Source data -
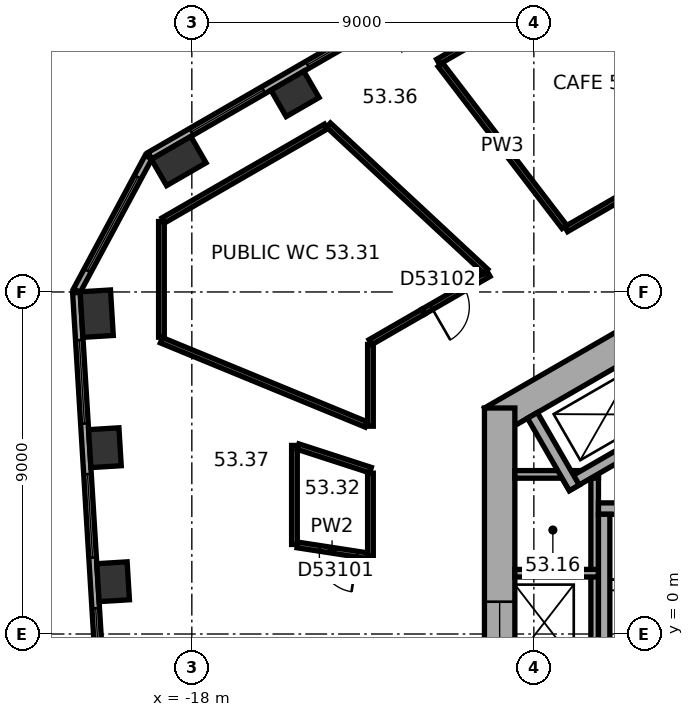
"""IFC4 building model, lengths in metres.
Left out: names, types, materials, properties, quantities, classifications, styles, units other than length and angle.
Written with IfcOpenShell. Run it as: python <this file> out.ifc"""

import sys

from ifc_helpers import new_model, si_unit, direction, frame, frame_2d, origin, origin_2d, place, context, subcontext, project, spatial, rectangle, extrude, element, fill, save


model = new_model("IFC4")
c1 = context("Model", 3, precision=1e-05, world=origin(), true_north=direction((0.0, 1.0)))
c2 = subcontext(c1, "Body", "Model", "MODEL_VIEW")
j1 = project(units=[si_unit("LENGTHUNIT", "METRE"), si_unit("PLANEANGLEUNIT", "RADIAN")], contexts=[c1])
p1 = place(None, origin())
s1 = spatial("IfcSite", under=j1, at=p1, CompositionType="ELEMENT")
p2 = place(p1, origin())
s2 = spatial("IfcBuilding", under=s1, at=p2, CompositionType="ELEMENT")
p3 = place(p2, frame((0.0, 0.0, 214.3)))
s3 = spatial("IfcBuildingStorey", under=s2, at=p3, CompositionType="ELEMENT", Elevation=214.3)
p4 = place(p3, frame((-15.285, 14.211, 0.0), z_axis=(0.0, 0.0, 1.0), x_axis=(-0.866025403784, -0.5, 0.0)))
e1 = element("IfcColumn", 1, at=p4, inside=s3, PredefinedType="COLUMN", context=c2, shape_type="SweptSolid", body=[
    extrude(rectangle(XDim=1.0, YDim=0.8, at=origin_2d()), origin(), (0.0, 0.0, 1.0), 7.4),
])
for number, where, z_axis, x_axis in (
    (2, (-18.345, 12.445, 0.0), (0.0, 0.0, 1.0), (-0.866, -0.5, 0.0)),
    (3, (-20.503, 8.429, 0.0), (0.0, 0.0, 1.0), (0.061, -0.998, 0.0)),
):
    element("IfcColumn", number, at=place(p3, frame(where, z_axis=z_axis, x_axis=x_axis)), inside=s3, PredefinedType="COLUMN", context=c2, shape_type="SweptSolid", body=[
        extrude(rectangle(XDim=1.2, YDim=0.8, at=origin_2d()), origin(), (0.0, 0.0, 1.0), 7.4),
    ])
for number, where, z_axis, x_axis in (
    (4, (-20.287, 4.902, 0.0), (0.0, 0.0, 1.0), (0.061, -0.998, 0.0)),
    (5, (-20.071, 1.375, 0.0), (0.0, 0.0, 1.0), (0.061, -0.998, 0.0)),
):
    element("IfcColumn", number, at=place(p3, frame(where, z_axis=z_axis, x_axis=x_axis)), inside=s3, PredefinedType="COLUMN", context=c2, shape_type="SweptSolid", body=[
        extrude(rectangle(XDim=1.0, YDim=0.8, at=origin_2d()), origin(), (0.0, 0.0, 1.0), 7.4),
    ])
p5 = place(p3, frame((0.2, 11.547, 0.0), z_axis=(0.0, 0.0, 1.0), x_axis=(-0.866023897231, -0.500002609418, 0.0)))
e6 = element("IfcWall", 6, at=p5, inside=s3, PredefinedType="SHEAR", context=c2, shape_type="SweptSolid", body=[
    extrude(rectangle(XDim=11.894, YDim=0.8, at=frame_2d((5.947, 0.0))), origin(), (0.0, 0.0, 1.0), 7.4),
])
p6 = place(p5, frame((6.147, 0.0, 0.0)))
e7 = element("IfcOpeningElement", 7, at=p6, cuts=e6, PredefinedType="OPENING", context=c2, shape_type="SweptSolid", body=[
    extrude(rectangle(XDim=1.5, YDim=2.1, at=frame_2d((0.75, 1.05))), frame((0.0, 0.41, 0.0), z_axis=(0.0, -1.0, 0.0), x_axis=(1.0, 0.0, 0.0)), (0.0, 0.0, 1.0), 0.82),
])
p7 = place(p5, frame((1.697, 0.0, 0.0)))
e8 = element("IfcOpeningElement", 8, at=p7, cuts=e6, PredefinedType="OPENING", context=c2, shape_type="SweptSolid", body=[
    extrude(rectangle(XDim=0.9, YDim=2.1, at=frame_2d((0.45, 1.05))), frame((0.0, 0.41, 0.0), z_axis=(0.0, -1.0, 0.0), x_axis=(1.0, 0.0, 0.0)), (0.0, 0.0, 1.0), 0.82),
])
p8 = place(p5, frame((4.297, 0.0, 0.0)))
e9 = element("IfcOpeningElement", 9, at=p8, cuts=e6, PredefinedType="OPENING", context=c2, shape_type="SweptSolid", body=[
    extrude(rectangle(XDim=0.9, YDim=2.1, at=frame_2d((0.45, 1.05))), frame((0.0, 0.41, 0.0), z_axis=(0.0, -1.0, 0.0), x_axis=(1.0, 0.0, 0.0)), (0.0, 0.0, 1.0), 0.82),
])
p9 = place(p3, frame((-9.9, 5.947, 0.0), z_axis=(0.0, 0.0, 1.0), x_axis=(0.0, -1.0, 0.0)))
e10 = element("IfcWall", 10, at=p9, inside=s3, PredefinedType="SHEAR", context=c2, shape_type="SweptSolid", body=[
    extrude(rectangle(XDim=11.894, YDim=0.8, at=frame_2d((5.947, 0.0))), origin(), (0.0, 0.0, 1.0), 7.4),
])
p10 = place(p9, frame((5.097, 0.0, 0.0)))
e11 = element("IfcOpeningElement", 11, at=p10, cuts=e10, PredefinedType="OPENING", context=c2, shape_type="SweptSolid", body=[
    extrude(rectangle(XDim=1.1, YDim=2.1, at=frame_2d((0.55, 1.05))), frame((0.0, 0.41, 0.0), z_axis=(0.0, -1.0, 0.0), x_axis=(1.0, 0.0, 0.0)), (0.0, 0.0, 1.0), 0.82),
])
p11 = place(p9, frame((7.697, 0.0, 0.0)))
e12 = element("IfcOpeningElement", 12, at=p11, cuts=e10, PredefinedType="OPENING", context=c2, shape_type="SweptSolid", body=[
    extrude(rectangle(XDim=1.1, YDim=2.1, at=frame_2d((0.55, 1.05))), frame((0.0, 0.41, 0.0), z_axis=(0.0, -1.0, 0.0), x_axis=(1.0, 0.0, 0.0)), (0.0, 0.0, 1.0), 0.82),
])
p12 = place(p3, frame((-2.786, 22.005, 0.0), z_axis=(0.0, 0.0, 1.0), x_axis=(-0.866026555358, -0.49999800541, 0.0)))
e13 = element("IfcWall", 13, at=p12, inside=s3, PredefinedType="STANDARD", context=c2, shape_type="SweptSolid", body=[
    extrude(rectangle(XDim=18.841, YDim=0.2, at=frame_2d((9.421, 0.0))), origin(), (0.0, 0.0, 1.0), 7.4),
])
p13 = place(p12, frame((1.254, 0.0, 0.8)))
e14 = element("IfcOpeningElement", 14, at=p13, cuts=e13, PredefinedType="OPENING", context=c2, shape_type="SweptSolid", body=[
    extrude(rectangle(XDim=2.2, YDim=4.2, at=frame_2d((1.1, 2.1))), frame((0.0, 0.11, 0.0), z_axis=(0.0, -1.0, 0.0), x_axis=(1.0, 0.0, 0.0)), (0.0, 0.0, 1.0), 0.22),
])
p14 = place(p12, frame((4.788, 0.0, 0.8)))
e15 = element("IfcOpeningElement", 15, at=p14, cuts=e13, PredefinedType="OPENING", context=c2, shape_type="SweptSolid", body=[
    extrude(rectangle(XDim=2.2, YDim=4.2, at=frame_2d((1.1, 2.1))), frame((0.0, 0.11, 0.0), z_axis=(0.0, -1.0, 0.0), x_axis=(1.0, 0.0, 0.0)), (0.0, 0.0, 1.0), 0.22),
])
p15 = place(p12, frame((8.321, 0.0, 0.8)))
e16 = element("IfcOpeningElement", 16, at=p15, cuts=e13, PredefinedType="OPENING", context=c2, shape_type="SweptSolid", body=[
    extrude(rectangle(XDim=2.2, YDim=4.2, at=frame_2d((1.1, 2.1))), frame((0.0, 0.11, 0.0), z_axis=(0.0, -1.0, 0.0), x_axis=(1.0, 0.0, 0.0)), (0.0, 0.0, 1.0), 0.22),
])
p16 = place(p12, frame((11.855, 0.0, 0.8)))
e17 = element("IfcOpeningElement", 17, at=p16, cuts=e13, PredefinedType="OPENING", context=c2, shape_type="SweptSolid", body=[
    extrude(rectangle(XDim=2.2, YDim=4.2, at=frame_2d((1.1, 2.1))), frame((0.0, 0.11, 0.0), z_axis=(0.0, -1.0, 0.0), x_axis=(1.0, 0.0, 0.0)), (0.0, 0.0, 1.0), 0.22),
])
p17 = place(p12, frame((15.389, 0.0, 0.8)))
e18 = element("IfcOpeningElement", 18, at=p17, cuts=e13, PredefinedType="OPENING", context=c2, shape_type="SweptSolid", body=[
    extrude(rectangle(XDim=2.2, YDim=4.2, at=frame_2d((1.1, 2.1))), frame((0.0, 0.11, 0.0), z_axis=(0.0, -1.0, 0.0), x_axis=(1.0, 0.0, 0.0)), (0.0, 0.0, 1.0), 0.22),
])
p18 = place(p3, frame((-19.141, 12.545, 0.0), z_axis=(0.0, 0.0, 1.0), x_axis=(-0.473306370921, -0.880897882416, 0.0)))
e19 = element("IfcWall", 19, at=p18, inside=s3, PredefinedType="STANDARD", context=c2, shape_type="SweptSolid", body=[
    extrude(rectangle(XDim=3.983, YDim=0.2, at=frame_2d((1.991, 0.0))), origin(), (0.0, 0.0, 1.0), 7.4),
])
p19 = place(p18, frame((0.591, 0.0, 0.8)))
e20 = element("IfcOpeningElement", 20, at=p19, cuts=e19, PredefinedType="OPENING", context=c2, shape_type="SweptSolid", body=[
    extrude(rectangle(XDim=2.8, YDim=4.2, at=frame_2d((1.4, 2.1))), frame((0.0, 0.11, 0.0), z_axis=(0.0, -1.0, 0.0), x_axis=(1.0, 0.0, 0.0)), (0.0, 0.0, 1.0), 0.22),
])
p20 = place(p3, frame((-21.038, 8.984, 0.0), z_axis=(0.0, 0.0, 1.0), x_axis=(0.061043935634, -0.998135079998, 0.0)))
e21 = element("IfcWall", 21, at=p20, inside=s3, PredefinedType="STANDARD", context=c2, shape_type="SweptSolid", body=[
    extrude(rectangle(XDim=18.841, YDim=0.2, at=frame_2d((9.421, 0.0))), origin(), (0.0, 0.0, 1.0), 7.4),
])
p21 = place(p20, frame((1.253, 0.0, 0.8)))
e22 = element("IfcOpeningElement", 22, at=p21, cuts=e21, PredefinedType="OPENING", context=c2, shape_type="SweptSolid", body=[
    extrude(rectangle(XDim=2.2, YDim=4.2, at=frame_2d((1.1, 2.1))), frame((0.0, 0.11, 0.0), z_axis=(0.0, -1.0, 0.0), x_axis=(1.0, 0.0, 0.0)), (0.0, 0.0, 1.0), 0.22),
])
p22 = place(p20, frame((4.786, 0.0, 0.8)))
e23 = element("IfcOpeningElement", 23, at=p22, cuts=e21, PredefinedType="OPENING", context=c2, shape_type="SweptSolid", body=[
    extrude(rectangle(XDim=2.2, YDim=4.2, at=frame_2d((1.1, 2.1))), frame((0.0, 0.11, 0.0), z_axis=(0.0, -1.0, 0.0), x_axis=(1.0, 0.0, 0.0)), (0.0, 0.0, 1.0), 0.22),
])
p23 = place(p20, frame((8.32, 0.0, 0.8)))
e24 = element("IfcOpeningElement", 24, at=p23, cuts=e21, PredefinedType="OPENING", context=c2, shape_type="SweptSolid", body=[
    extrude(rectangle(XDim=2.2, YDim=4.2, at=frame_2d((1.1, 2.1))), frame((0.0, 0.11, 0.0), z_axis=(0.0, -1.0, 0.0), x_axis=(1.0, 0.0, 0.0)), (0.0, 0.0, 1.0), 0.22),
])
p24 = place(p20, frame((11.854, 0.0, 0.8)))
e25 = element("IfcOpeningElement", 25, at=p24, cuts=e21, PredefinedType="OPENING", context=c2, shape_type="SweptSolid", body=[
    extrude(rectangle(XDim=2.2, YDim=4.2, at=frame_2d((1.1, 2.1))), frame((0.0, 0.11, 0.0), z_axis=(0.0, -1.0, 0.0), x_axis=(1.0, 0.0, 0.0)), (0.0, 0.0, 1.0), 0.22),
])
p25 = place(p20, frame((15.387, 0.0, 0.8)))
e26 = element("IfcOpeningElement", 26, at=p25, cuts=e21, PredefinedType="OPENING", context=c2, shape_type="SweptSolid", body=[
    extrude(rectangle(XDim=2.2, YDim=4.2, at=frame_2d((1.1, 2.1))), frame((0.0, 0.11, 0.0), z_axis=(0.0, -1.0, 0.0), x_axis=(1.0, 0.0, 0.0)), (0.0, 0.0, 1.0), 0.22),
])
p26 = place(p3, frame((-7.4, 4.3, 0.0), z_axis=(0.0, 0.0, 1.0), x_axis=(0.0, -1.0, 0.0)))
e27 = element("IfcWall", 27, at=p26, inside=s3, PredefinedType="PARTITIONING", context=c2, shape_type="SweptSolid", body=[
    extrude(rectangle(XDim=8.0, YDim=0.2, at=frame_2d((4.0, 0.0))), origin(), (0.0, 0.0, 1.0), 7.12),
])
for number, where, z_axis, x_axis in (
    (28, (-7.3, 4.2, 0.0), (0.0, 0.0, 1.0), (-1.0, 0.0, 0.0)),
    (29, (-7.3, 1.6, 0.0), (0.0, 0.0, 1.0), (-1.0, 0.0, 0.0)),
):
    element("IfcWall", number, at=place(p3, frame(where, z_axis=z_axis, x_axis=x_axis)), inside=s3, PredefinedType="PARTITIONING", context=c2, shape_type="SweptSolid", body=[
        extrude(rectangle(XDim=2.2, YDim=0.2, at=frame_2d((1.1, 0.0))), origin(), (0.0, 0.0, 1.0), 7.12),
    ])
p27 = place(p3, frame((-2.6, 3.3, 0.0), z_axis=(0.0, 0.0, 1.0), x_axis=(-1.0, 0.0, 0.0)))
e30 = element("IfcWall", 30, at=p27, inside=s3, PredefinedType="SHEAR", context=c2, shape_type="SweptSolid", body=[
    extrude(rectangle(XDim=4.7, YDim=0.3, at=frame_2d((2.35, 0.0))), origin(), (0.0, 0.0, 1.0), 7.12),
])
p28 = place(p27, frame((0.8, 0.0, 0.0)))
e31 = element("IfcOpeningElement", 31, at=p28, cuts=e30, PredefinedType="OPENING", context=c2, shape_type="SweptSolid", body=[
    extrude(rectangle(XDim=1.2, YDim=2.1, at=frame_2d((0.6, 1.05))), frame((0.0, 0.16, 0.0), z_axis=(0.0, -1.0, 0.0), x_axis=(1.0, 0.0, 0.0)), (0.0, 0.0, 1.0), 0.32),
])
p29 = place(p3, frame((-7.15, 3.15, 0.0), z_axis=(0.0, 0.0, 1.0), x_axis=(0.0, -1.0, 0.0)))
e32 = element("IfcWall", 32, at=p29, inside=s3, PredefinedType="SHEAR", context=c2, shape_type="SweptSolid", body=[
    extrude(rectangle(XDim=7.06, YDim=0.3, at=frame_2d((3.53, 0.0))), origin(), (0.0, 0.0, 1.0), 7.12),
])
p30 = place(p3, frame((-5.24, 5.577, 0.0), z_axis=(0.0, 0.0, 1.0), x_axis=(-0.866014461049, -0.500018952895, 0.0)))
e33 = element("IfcWall", 33, at=p30, inside=s3, PredefinedType="SHEAR", context=c2, shape_type="SweptSolid", body=[
    extrude(rectangle(XDim=3.35, YDim=0.3, at=frame_2d((1.675, 0.0))), origin(), (0.0, 0.0, 1.0), 7.12),
])
p31 = place(p3, frame((-7.937, 3.847, 0.0), z_axis=(0.0, 0.0, 1.0), x_axis=(-0.50002983664, 0.866008176907, 0.0)))
e34 = element("IfcWall", 34, at=p31, inside=s3, PredefinedType="SHEAR", context=c2, shape_type="SweptSolid", body=[
    extrude(rectangle(XDim=2.2, YDim=0.3, at=frame_2d((1.1, 0.0))), origin(), (0.0, 0.0, 1.0), 7.12),
])
p32 = place(p3, frame((-13.399, 2.063, 0.0), z_axis=(0.0, 0.0, 1.0), x_axis=(-0.988354850272, 0.152166651878, 0.0)))
e35 = element("IfcWall", 35, at=p32, inside=s3, PredefinedType="PARTITIONING", context=c2, shape_type="SweptSolid", body=[
    extrude(rectangle(XDim=1.844, YDim=0.15, at=frame_2d((0.922, 0.0))), origin(), (0.0, 0.0, 1.0), 7.12),
])
p33 = place(p32, frame((0.25, 0.0, 0.0)))
e36 = element("IfcOpeningElement", 36, at=p33, cuts=e35, PredefinedType="OPENING", context=c2, shape_type="SweptSolid", body=[
    extrude(rectangle(XDim=1.0, YDim=2.1, at=frame_2d((0.5, 1.05))), frame((0.0, 0.085, 0.0), z_axis=(0.0, -1.0, 0.0), x_axis=(1.0, 0.0, 0.0)), (0.0, 0.0, 1.0), 0.17),
])
p34 = place(p3, frame((-15.3, 2.355, 0.0), z_axis=(0.0, 0.0, 1.0), x_axis=(0.0, 1.0, 0.0)))
e37 = element("IfcWall", 37, at=p34, inside=s3, PredefinedType="PARTITIONING", context=c2, shape_type="SweptSolid", body=[
    extrude(rectangle(XDim=2.606, YDim=0.15, at=frame_2d((1.303, 0.0))), origin(), (0.0, 0.0, 1.0), 7.12),
])
p35 = place(p3, frame((-13.3, 4.233, 0.0), z_axis=(0.0, 0.0, 1.0), x_axis=(0.0, -1.0, 0.0)))
e38 = element("IfcWall", 38, at=p35, inside=s3, PredefinedType="PARTITIONING", context=c2, shape_type="SweptSolid", body=[
    extrude(rectangle(XDim=2.185, YDim=0.15, at=frame_2d((1.093, 0.0))), origin(), (0.0, 0.0, 1.0), 7.12),
])
p36 = place(p3, frame((-15.205, 4.931, 0.0), z_axis=(0.0, 0.0, 1.0), x_axis=(0.951236355981, -0.308462955733, 0.0)))
e39 = element("IfcWall", 39, at=p36, inside=s3, PredefinedType="PARTITIONING", context=c2, shape_type="SweptSolid", body=[
    extrude(rectangle(XDim=2.002, YDim=0.15, at=frame_2d((1.001, 0.0))), origin(), (0.0, 0.0, 1.0), 7.12),
])
p37 = place(p3, frame((-13.411, 5.514, 0.0), z_axis=(0.0, 0.0, 1.0), x_axis=(-0.924874082037, 0.380273496809, 0.0)))
e40 = element("IfcWall", 40, at=p37, inside=s3, PredefinedType="PARTITIONING", context=c2, shape_type="SweptSolid", body=[
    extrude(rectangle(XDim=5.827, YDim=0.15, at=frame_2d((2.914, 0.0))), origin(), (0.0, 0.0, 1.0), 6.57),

Problem requirements - Once you have found every line above holding the word "subcontext", copy those lines.

Answer to the problem -
from ifc_helpers import new_model, si_unit, direction, frame, frame_2d, origin, origin_2d, place, context, subcontext, project, spatial, rectangle, extrude, element, fill, save
c2 = subcontext(c1, "Body", "Model", "MODEL_VIEW")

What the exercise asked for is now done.